### PROBLEM DETAILS
Which lines in the entries below contain the string "under"? Show each of them in full.

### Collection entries
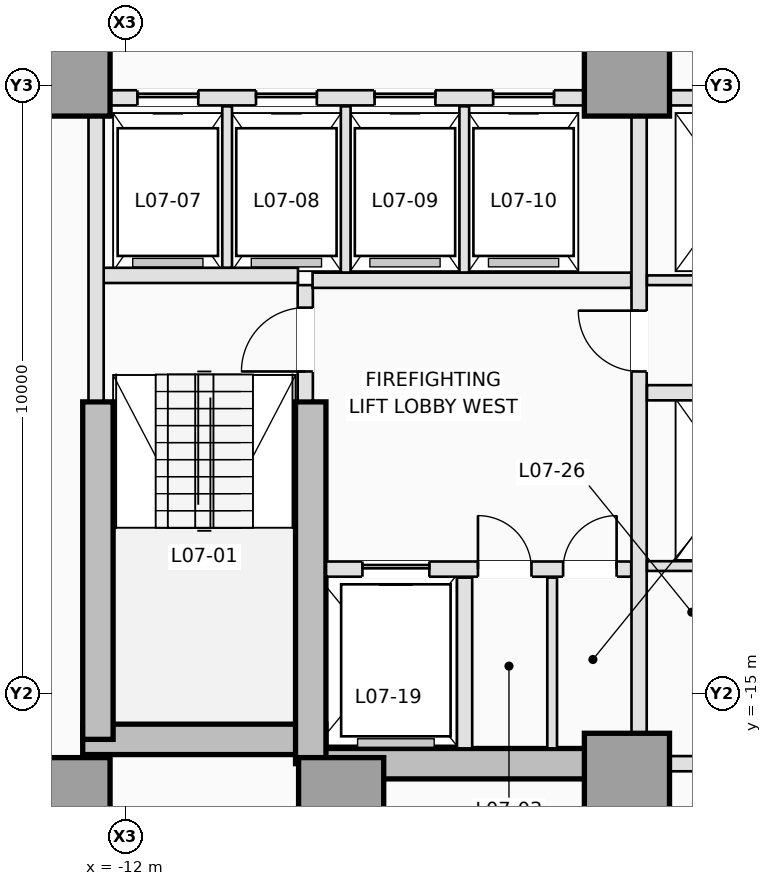
"""IFC4 building model, lengths in metres.
Left out: names, types, materials, properties, quantities, classifications, styles, units other than length and angle.
Written with IfcOpenShell. Run it as: python <this file> out.ifc"""

import sys

from ifc_helpers import new_model, si_unit, direction, frame, frame_2d, origin, origin_2d, place, context, subcontext, project, spatial, rectangle, extrude, element, fill, save


model = new_model("IFC4")
c1 = context("Model", 3, precision=1e-05, world=origin(), true_north=direction((0.0, 1.0)))
c2 = subcontext(c1, "Body", "Model", "MODEL_VIEW")
j1 = project(units=[si_unit("LENGTHUNIT", "METRE"), si_unit("PLANEANGLEUNIT", "RADIAN")], contexts=[c1])
p1 = place(None, origin())
s1 = spatial("IfcSite", under=j1, at=p1, CompositionType="ELEMENT")
p2 = place(p1, origin())
s2 = spatial("IfcBuilding", under=s1, at=p2, CompositionType="ELEMENT")
p3 = place(p2, frame((0.0, 0.0, 31.1)))
s3 = spatial("IfcBuildingStorey", under=s2, at=p3, CompositionType="ELEMENT", Elevation=31.1)
p4 = place(p3, frame((-12.7, -15.75, 0.0), z_axis=(0.0, 0.0, 1.0), x_axis=(1.0, 0.0, 0.0)))
e1 = element("IfcWall", 1, at=p4, inside=s3, PredefinedType="SHEAR", context=c2, shape_type="SweptSolid", body=[
    extrude(rectangle(XDim=4.0, YDim=0.5, at=frame_2d((2.0, 0.0))), origin(), (0.0, 0.0, 1.0), 3.5),
])
p5 = place(p3, frame((-8.95, -16.15, 0.0), z_axis=(0.0, 0.0, 1.0), x_axis=(1.0, 0.0, 0.0)))
e2 = element("IfcWall", 2, at=p5, inside=s3, PredefinedType="SHEAR", context=c2, shape_type="SweptSolid", body=[
    extrude(rectangle(XDim=5.2, YDim=0.5, at=frame_2d((2.6, 0.0))), origin(), (0.0, 0.0, 1.0), 3.5),
])
p6 = place(p3, frame((-12.45, -15.75, 0.0), z_axis=(0.0, 0.0, 1.0), x_axis=(0.0, 1.0, 0.0)))
e3 = element("IfcWall", 3, at=p6, inside=s3, PredefinedType="SHEAR", context=c2, shape_type="SweptSolid", body=[
    extrude(rectangle(XDim=5.55, YDim=0.5, at=frame_2d((2.775, 0.0))), origin(), (0.0, 0.0, 1.0), 3.5),
])
p7 = place(p3, frame((-8.95, -16.15, 0.0), z_axis=(0.0, 0.0, 1.0), x_axis=(0.0, 1.0, 0.0)))
e4 = element("IfcWall", 4, at=p7, inside=s3, PredefinedType="SHEAR", context=c2, shape_type="SweptSolid", body=[
    extrude(rectangle(XDim=5.95, YDim=0.5, at=frame_2d((2.975, 0.0))), origin(), (0.0, 0.0, 1.0), 3.5),
])
for number, where, z_axis, x_axis in (
    (5, (-12.95, -16.75, 0.0), (0.0, 0.0, 1.0), (1.0, 0.0, 0.0)),
    (6, (-8.45, -16.75, 0.0), (0.0, 0.0, 1.0), (1.0, 0.0, 0.0)),
    (7, (-3.75, -16.35, 0.0), (0.0, 0.0, 1.0), (1.0, 0.0, 0.0)),
    (8, (-12.95, -4.8, 0.0), (0.0, 0.0, 1.0), (1.0, 0.0, 0.0)),
    (9, (-3.75, -4.8, 0.0), (0.0, 0.0, 1.0), (1.0, 0.0, 0.0)),
):
    element("IfcColumn", number, at=place(p3, frame(where, z_axis=z_axis, x_axis=x_axis)), inside=s3, PredefinedType="COLUMN", context=c2, shape_type="SweptSolid", body=[
        extrude(rectangle(XDim=1.4, YDim=1.4, at=origin_2d()), origin(), (0.0, 0.0, 1.0), 3.5),
    ])
p8 = place(p3, frame((-9.04, -10.18, 0.0), z_axis=(0.0, 0.0, 1.0), x_axis=(0.0, 1.0, 0.0)))
e10 = element("IfcWall", 10, at=p8, inside=s3, PredefinedType="PARTITIONING", context=c2, shape_type="SweptSolid", body=[
    extrude(rectangle(XDim=1.9, YDim=0.25, at=frame_2d((0.95, 0.0))), origin(), (0.0, 0.0, 1.0), 3.25),
])
p9 = place(p8, frame((0.48, 0.0, 0.0)))
e11 = element("IfcOpeningElement", 11, at=p9, cuts=e10, PredefinedType="OPENING", context=c2, shape_type="SweptSolid", body=[
    extrude(rectangle(XDim=1.05, YDim=2.15, at=frame_2d((0.525, 1.075))), frame((0.0, 0.135, 0.0), z_axis=(0.0, -1.0, 0.0), x_axis=(1.0, 0.0, 0.0)), (0.0, 0.0, 1.0), 0.27),
])
p10 = place(p3, frame((-12.38, -8.12, 0.0), z_axis=(0.0, 0.0, 1.0), x_axis=(1.0, 0.0, 0.0)))
e12 = element("IfcWall", 12, at=p10, inside=s3, PredefinedType="PARTITIONING", context=c2, shape_type="SweptSolid", body=[
    extrude(rectangle(XDim=3.22, YDim=0.25, at=frame_2d((1.61, 0.0))), origin(), (0.0, 0.0, 1.0), 3.25),
])
p11 = place(p3, frame((-12.48, -10.18, 0.0), z_axis=(0.0, 0.0, 1.0), x_axis=(0.0, 1.0, 0.0)))
e13 = element("IfcWall", 13, at=p11, inside=s3, PredefinedType="PARTITIONING", context=c2, shape_type="SweptSolid", body=[
    extrude(rectangle(XDim=4.678, YDim=0.25, at=frame_2d((2.339, 0.0))), origin(), (0.0, 0.0, 1.0), 3.25),
])
p12 = place(p3, frame((-8.698, -12.95, 0.0), z_axis=(0.0, 0.0, 1.0), x_axis=(1.0, 0.0, 0.0)))
e14 = element("IfcWall", 14, at=p12, inside=s3, PredefinedType="PARTITIONING", context=c2, shape_type="SweptSolid", body=[
    extrude(rectangle(XDim=5.018, YDim=0.25, at=frame_2d((2.509, 0.0))), origin(), (0.0, 0.0, 1.0), 3.25),
])
p13 = place(p12, frame((0.598, 0.0, 0.0)))
e15 = element("IfcOpeningElement", 15, at=p13, cuts=e14, PredefinedType="OPENING", context=c2, shape_type="SweptSolid", body=[
    extrude(rectangle(XDim=1.1, YDim=2.15, at=frame_2d((0.55, 1.075))), frame((0.0, 0.135, 0.0), z_axis=(0.0, -1.0, 0.0), x_axis=(1.0, 0.0, 0.0)), (0.0, 0.0, 1.0), 0.27),
])
p14 = place(p12, frame((2.498, 0.0, 0.0)))
e16 = element("IfcOpeningElement", 16, at=p14, cuts=e14, PredefinedType="OPENING", context=c2, shape_type="SweptSolid", body=[
    extrude(rectangle(XDim=0.88, YDim=2.1, at=frame_2d((0.44, 1.05))), frame((0.0, 0.135, 0.0), z_axis=(0.0, -1.0, 0.0), x_axis=(1.0, 0.0, 0.0)), (0.0, 0.0, 1.0), 0.27),
])
p15 = place(p12, frame((3.898, 0.0, 0.0)))
e17 = element("IfcOpeningElement", 17, at=p15, cuts=e14, PredefinedType="OPENING", context=c2, shape_type="SweptSolid", body=[
    extrude(rectangle(XDim=0.88, YDim=2.1, at=frame_2d((0.44, 1.05))), frame((0.0, 0.135, 0.0), z_axis=(0.0, -1.0, 0.0), x_axis=(1.0, 0.0, 0.0)), (0.0, 0.0, 1.0), 0.27),
])
p16 = place(p3, frame((-6.42, -15.898, 0.0), z_axis=(0.0, 0.0, 1.0), x_axis=(0.0, 1.0, 0.0)))
e18 = element("IfcWall", 18, at=p16, inside=s3, PredefinedType="PARTITIONING", context=c2, shape_type="SweptSolid", body=[
    extrude(rectangle(XDim=2.808, YDim=0.25, at=frame_2d((1.404, 0.0))), origin(), (0.0, 0.0, 1.0), 3.25),
])
p17 = place(p3, frame((-4.98, -15.898, 0.0), z_axis=(0.0, 0.0, 1.0), x_axis=(0.0, 1.0, 0.0)))
e19 = element("IfcWall", 19, at=p17, inside=s3, PredefinedType="PARTITIONING", context=c2, shape_type="SweptSolid", body=[
    extrude(rectangle(XDim=2.808, YDim=0.16, at=frame_2d((1.404, 0.0))), origin(), (0.0, 0.0, 1.0), 3.25),
])
p18 = place(p3, frame((-8.92, -8.2, 0.0), z_axis=(0.0, 0.0, 1.0), x_axis=(1.0, 0.0, 0.0)))
e20 = element("IfcWall", 20, at=p18, inside=s3, PredefinedType="PARTITIONING", context=c2, shape_type="SweptSolid", body=[
    extrude(rectangle(XDim=5.24, YDim=0.25, at=frame_2d((2.62, 0.0))), origin(), (0.0, 0.0, 1.0), 3.25),
])
p19 = place(p3, frame((-3.55, -15.648, 0.0), z_axis=(0.0, 0.0, 1.0), x_axis=(0.0, 1.0, 0.0)))
e21 = element("IfcWall", 21, at=p19, inside=s3, PredefinedType="PARTITIONING", context=c2, shape_type="SweptSolid", body=[
    extrude(rectangle(XDim=10.146, YDim=0.25, at=frame_2d((5.073, 0.0))), origin(), (0.0, 0.0, 1.0), 3.25),
])
p20 = place(p19, frame((5.948, 0.0, 0.0)))
e22 = element("IfcOpeningElement", 22, at=p20, cuts=e21, PredefinedType="OPENING", context=c2, shape_type="SweptSolid", body=[
    extrude(rectangle(XDim=1.0, YDim=2.15, at=frame_2d((0.5, 1.075))), frame((0.0, 0.135, 0.0), z_axis=(0.0, -1.0, 0.0), x_axis=(1.0, 0.0, 0.0)), (0.0, 0.0, 1.0), 0.27),
])
p21 = place(p3, frame((-12.248, -5.2, 0.0), z_axis=(0.0, 0.0, 1.0), x_axis=(1.0, 0.0, 0.0)))
e23 = element("IfcWall", 23, at=p21, inside=s3, PredefinedType="PARTITIONING", context=c2, shape_type="SweptSolid", body=[
    extrude(rectangle(XDim=7.796, YDim=0.25, at=frame_2d((3.898, 0.0))), origin(), (0.0, 0.0, 1.0), 3.25),
])
p22 = place(p21, frame((0.448, 0.0, 0.0)))
e24 = element("IfcOpeningElement", 24, at=p22, cuts=e23, PredefinedType="OPENING", context=c2, shape_type="SweptSolid", body=[
    extrude(rectangle(XDim=1.0, YDim=2.15, at=frame_2d((0.5, 1.075))), frame((0.0, 0.135, 0.0), z_axis=(0.0, -1.0, 0.0), x_axis=(1.0, 0.0, 0.0)), (0.0, 0.0, 1.0), 0.27),
])
p23 = place(p21, frame((2.398, 0.0, 0.0)))
e25 = element("IfcOpeningElement", 25, at=p23, cuts=e23, PredefinedType="OPENING", context=c2, shape_type="SweptSolid", body=[
    extrude(rectangle(XDim=1.0, YDim=2.15, at=frame_2d((0.5, 1.075))), frame((0.0, 0.135, 0.0), z_axis=(0.0, -1.0, 0.0), x_axis=(1.0, 0.0, 0.0)), (0.0, 0.0, 1.0), 0.27),
])
p24 = place(p21, frame((4.348, 0.0, 0.0)))
e26 = element("IfcOpeningElement", 26, at=p24, cuts=e23, PredefinedType="OPENING", context=c2, shape_type="SweptSolid", body=[
    extrude(rectangle(XDim=1.0, YDim=2.15, at=frame_2d((0.5, 1.075))), frame((0.0, 0.135, 0.0), z_axis=(0.0, -1.0, 0.0), x_axis=(1.0, 0.0, 0.0)), (0.0, 0.0, 1.0), 0.27),
])
p25 = place(p21, frame((6.298, 0.0, 0.0)))
e27 = element("IfcOpeningElement", 27, at=p25, cuts=e23, PredefinedType="OPENING", context=c2, shape_type="SweptSolid", body=[
    extrude(rectangle(XDim=1.0, YDim=2.15, at=frame_2d((0.5, 1.075))), frame((0.0, 0.135, 0.0), z_axis=(0.0, -1.0, 0.0), x_axis=(1.0, 0.0, 0.0)), (0.0, 0.0, 1.0), 0.27),
])
p26 = place(p3, frame((-3.048, -5.2, 0.0), z_axis=(0.0, 0.0, 1.0), x_axis=(1.0, 0.0, 0.0)))
e28 = element("IfcWall", 28, at=p26, inside=s3, PredefinedType="PARTITIONING", context=c2, shape_type="SweptSolid", body=[
    extrude(rectangle(XDim=2.098, YDim=0.25, at=frame_2d((1.049, 0.0))), origin(), (0.0, 0.0, 1.0), 3.25),
])
p27 = place(p3, frame((-10.325, -7.993, 0.0), z_axis=(0.0, 0.0, 1.0), x_axis=(0.0, 1.0, 0.0)))
e29 = element("IfcWall", 29, at=p27, inside=s3, PredefinedType="PARTITIONING", context=c2, shape_type="SweptSolid", body=[
    extrude(rectangle(XDim=2.653, YDim=0.16, at=frame_2d((1.326, 0.0))), origin(), (0.0, 0.0, 1.0), 3.25),
])
for number, where, z_axis, x_axis in (
    (30, (-8.375, -8.073, 0.0), (0.0, 0.0, 1.0), (0.0, 1.0, 0.0)),
    (31, (-6.425, -8.073, 0.0), (0.0, 0.0, 1.0), (0.0, 1.0, 0.0)),
):
    element("IfcWall", number, at=place(p3, frame(where, z_axis=z_axis, x_axis=x_axis)), inside=s3, PredefinedType="PARTITIONING", context=c2, shape_type="SweptSolid", body=[
        extrude(rectangle(XDim=2.733, YDim=0.16, at=frame_2d((1.366, 0.0))), origin(), (0.0, 0.0, 1.0), 3.25),
    ])
p28 = place(p3, frame((-3.048, -16.15, 0.0), z_axis=(0.0, 0.0, 1.0), x_axis=(1.0, 0.0, 0.0)))
e32 = element("IfcWall", 32, at=p28, inside=s3, PredefinedType="PARTITIONING", context=c2, shape_type="SweptSolid", body=[
    extrude(rectangle(XDim=6.096, YDim=0.25, at=frame_2d((3.048, 0.0))), origin(), (0.0, 0.0, 1.0), 2.3),
])
p29 = place(p3, frame((-3.42, -8.2, 0.0), z_axis=(0.0, 0.0, 1.0), x_axis=(1.0, 0.0, 0.0)))
e33 = element("IfcWall", 33, at=p29, inside=s3, PredefinedType="PARTITIONING", context=c2, shape_type="SweptSolid", body=[
    extrude(rectangle(XDim=2.47, YDim=0.16, at=frame_2d((1.235, 0.0))), origin(), (0.0, 0.0, 1.0), 3.25),
])
p30 = place(p3, frame((-3.42, -10.05, 0.0), z_axis=(0.0, 0.0, 1.0), x_axis=(1.0, 0.0, 0.0)))
e34 = element("IfcWall", 34, at=p30, inside=s3, PredefinedType="PARTITIONING", context=c2, shape_type="SweptSolid", body=[
    extrude(rectangle(XDim=2.47, YDim=0.25, at=frame_2d((1.235, 0.0))), origin(), (0.0, 0.0, 1.0), 3.25),
])
p31 = place(p3, frame((-3.42, -12.9, 0.0), z_axis=(0.0, 0.0, 1.0), x_axis=(1.0, 0.0, 0.0)))
e35 = element("IfcWall", 35, at=p31, inside=s3, PredefinedType="PARTITIONING", context=c2, shape_type="SweptSolid", body=[
    extrude(rectangle(XDim=6.84, YDim=0.16, at=frame_2d((3.42, 0.0))), origin(), (0.0, 0.0, 1.0), 3.25),
])
p32 = place(p31, frame((2.98, 0.0, 0.0)))
e36 = element("IfcOpeningElement", 36, at=p32, cuts=e35, PredefinedType="OPENING", context=c2, shape_type="SweptSolid", body=[
    extrude(rectangle(XDim=0.88, YDim=2.12, at=frame_2d((0.44, 1.06))), frame((0.0, 0.09, 0.0), z_axis=(0.0, -1.0, 0.0), x_axis=(1.0, 0.0, 0.0)), (0.0, 0.0, 1.0), 0.18),
])
p33 = place(p22, origin())
e37 = element("IfcDoor", 37, at=p33, inside=s3, OperationType="SLIDING_TO_LEFT", PredefinedType="DOOR", context=c2, shape_type="SweptSolid", body=[
    extrude(rectangle(XDim=1.0, YDim=2.15, at=frame_2d((0.5, 1.075))), frame((0.0, 0.025, 0.0), z_axis=(0.0, -1.0, 0.0), x_axis=(1.0, 0.0, 0.0)), (0.0, 0.0, 1.0), 0.05),
])
fill(e24, e37)
p34 = place(p23, origin())
e38 = element("IfcDoor", 38, at=p34, inside=s3, OperationType="SLIDING_TO_LEFT", PredefinedType="DOOR", context=c2, shape_type="SweptSolid", body=[
    extrude(rectangle(XDim=1.0, YDim=2.15, at=frame_2d((0.5, 1.075))), frame((0.0, 0.025, 0.0), z_axis=(0.0, -1.0, 0.0), x_axis=(1.0, 0.0, 0.0)), (0.0, 0.0, 1.0), 0.05),
])
fill(e25, e38)
p35 = place(p24, origin())
e39 = element("IfcDoor", 39, at=p35, inside=s3, OperationType="SLIDING_TO_LEFT", PredefinedType="DOOR", context=c2, shape_type="SweptSolid", body=[
    extrude(rectangle(XDim=1.0, YDim=2.15, at=frame_2d((0.5, 1.075))), frame((0.0, 0.025, 0.0), z_axis=(0.0, -1.0, 0.0), x_axis=(1.0, 0.0, 0.0)), (0.0, 0.0, 1.0), 0.05),
])
fill(e26, e39)
p36 = place(p25, origin())
e40 = element("IfcDoor", 40, at=p36, inside=s3, OperationType="SLIDING_TO_LEFT", PredefinedType="DOOR", context=c2, shape_type="SweptSolid", body=[
    extrude(rectangle(XDim=1.0, YDim=2.15, at=frame_2d((0.5, 1.075))), frame((0.0, 0.025, 0.0), z_axis=(0.0, -1.0, 0.0), x_axis=(1.0, 0.0, 0.0)), (0.0, 0.0, 1.0), 0.05),
])
fill(e27, e40)
p37 = place(p13, origin())
e41 = element("IfcDoor", 41, at=p37, inside=s3, OperationType="SLIDING_TO_LEFT", PredefinedType="DOOR", context=c2, shape_type="SweptSolid", body=[
    extrude(rectangle(XDim=1.1, YDim=2.15, at=frame_2d((0.55, 1.075))), frame((0.0, 0.025, 0.0), z_axis=(0.0, -1.0, 0.0), x_axis=(1.0, 0.0, 0.0)), (0.0, 0.0, 1.0), 0.05),
])
fill(e15, e41)
p38 = place(p9, origin())
e42 = element("IfcDoor", 42, at=p38, inside=s3, OperationType="SINGLE_SWING_LEFT", PredefinedType="DOOR", context=c2, shape_type="SweptSolid", body=[
    extrude(rectangle(XDim=1.05, YDim=2.15, at=frame_2d((0.525, 1.075))), frame((0.0, 0.025, 0.0), z_axis=(0.0, -1.0, 0.0), x_axis=(1.0, 0.0, 0.0)), (0.0, 0.0, 1.0), 0.05),
])
fill(e11, e42)
p39 = place(p14, origin())
e43 = element("IfcDoor", 43, at=p39, inside=s3, OperationType="SINGLE_SWING_LEFT", PredefinedType="TRAPDOOR", context=c2, shape_type="SweptSolid", body=[
    extrude(rectangle(XDim=0.88, YDim=2.1, at=frame_2d((0.44, 1.05))), frame((0.0, 0.025, 0.0), z_axis=(0.0, -1.0, 0.0), x_axis=(1.0, 0.0, 0.0)), (0.0, 0.0, 1.0), 0.05),
])
fill(e16, e43)
p40 = place(p15, origin())
e44 = element("IfcDoor", 44, at=p40, inside=s3, OperationType="SINGLE_SWING_RIGHT", PredefinedType="TRAPDOOR", context=c2, shape_type="SweptSolid", body=[
    extrude(rectangle(XDim=0.88, YDim=2.1, at=frame_2d((0.44, 1.05))), frame((0.0, 0.025, 0.0), z_axis=(0.0, -1.0, 0.0), x_axis=(1.0, 0.0, 0.0)), (0.0, 0.0, 1.0), 0.05),
])
fill(e17, e44)
p41 = place(p20, origin())
e45 = element("IfcDoor", 45, at=p41, inside=s3, OperationType="SINGLE_SWING_RIGHT", PredefinedType="DOOR", context=c2, shape_type="SweptSolid", body=[
    extrude(rectangle(XDim=1.0, YDim=2.15, at=frame_2d((0.5, 1.075))), frame((0.0, 0.025, 0.0), z_axis=(0.0, -1.0, 0.0), x_axis=(1.0, 0.0, 0.0)), (0.0, 0.0, 1.0), 0.05),
])
fill(e22, e45)
save(model, sys.argv[1])

### SOLUTION TO THE PROBLEM
s1 = spatial("IfcSite", under=j1, at=p1, CompositionType="ELEMENT")
s2 = spatial("IfcBuilding", under=s1, at=p2, CompositionType="ELEMENT")
s3 = spatial("IfcBuildingStorey", under=s2, at=p3, CompositionType="ELEMENT", Elevation=31.1)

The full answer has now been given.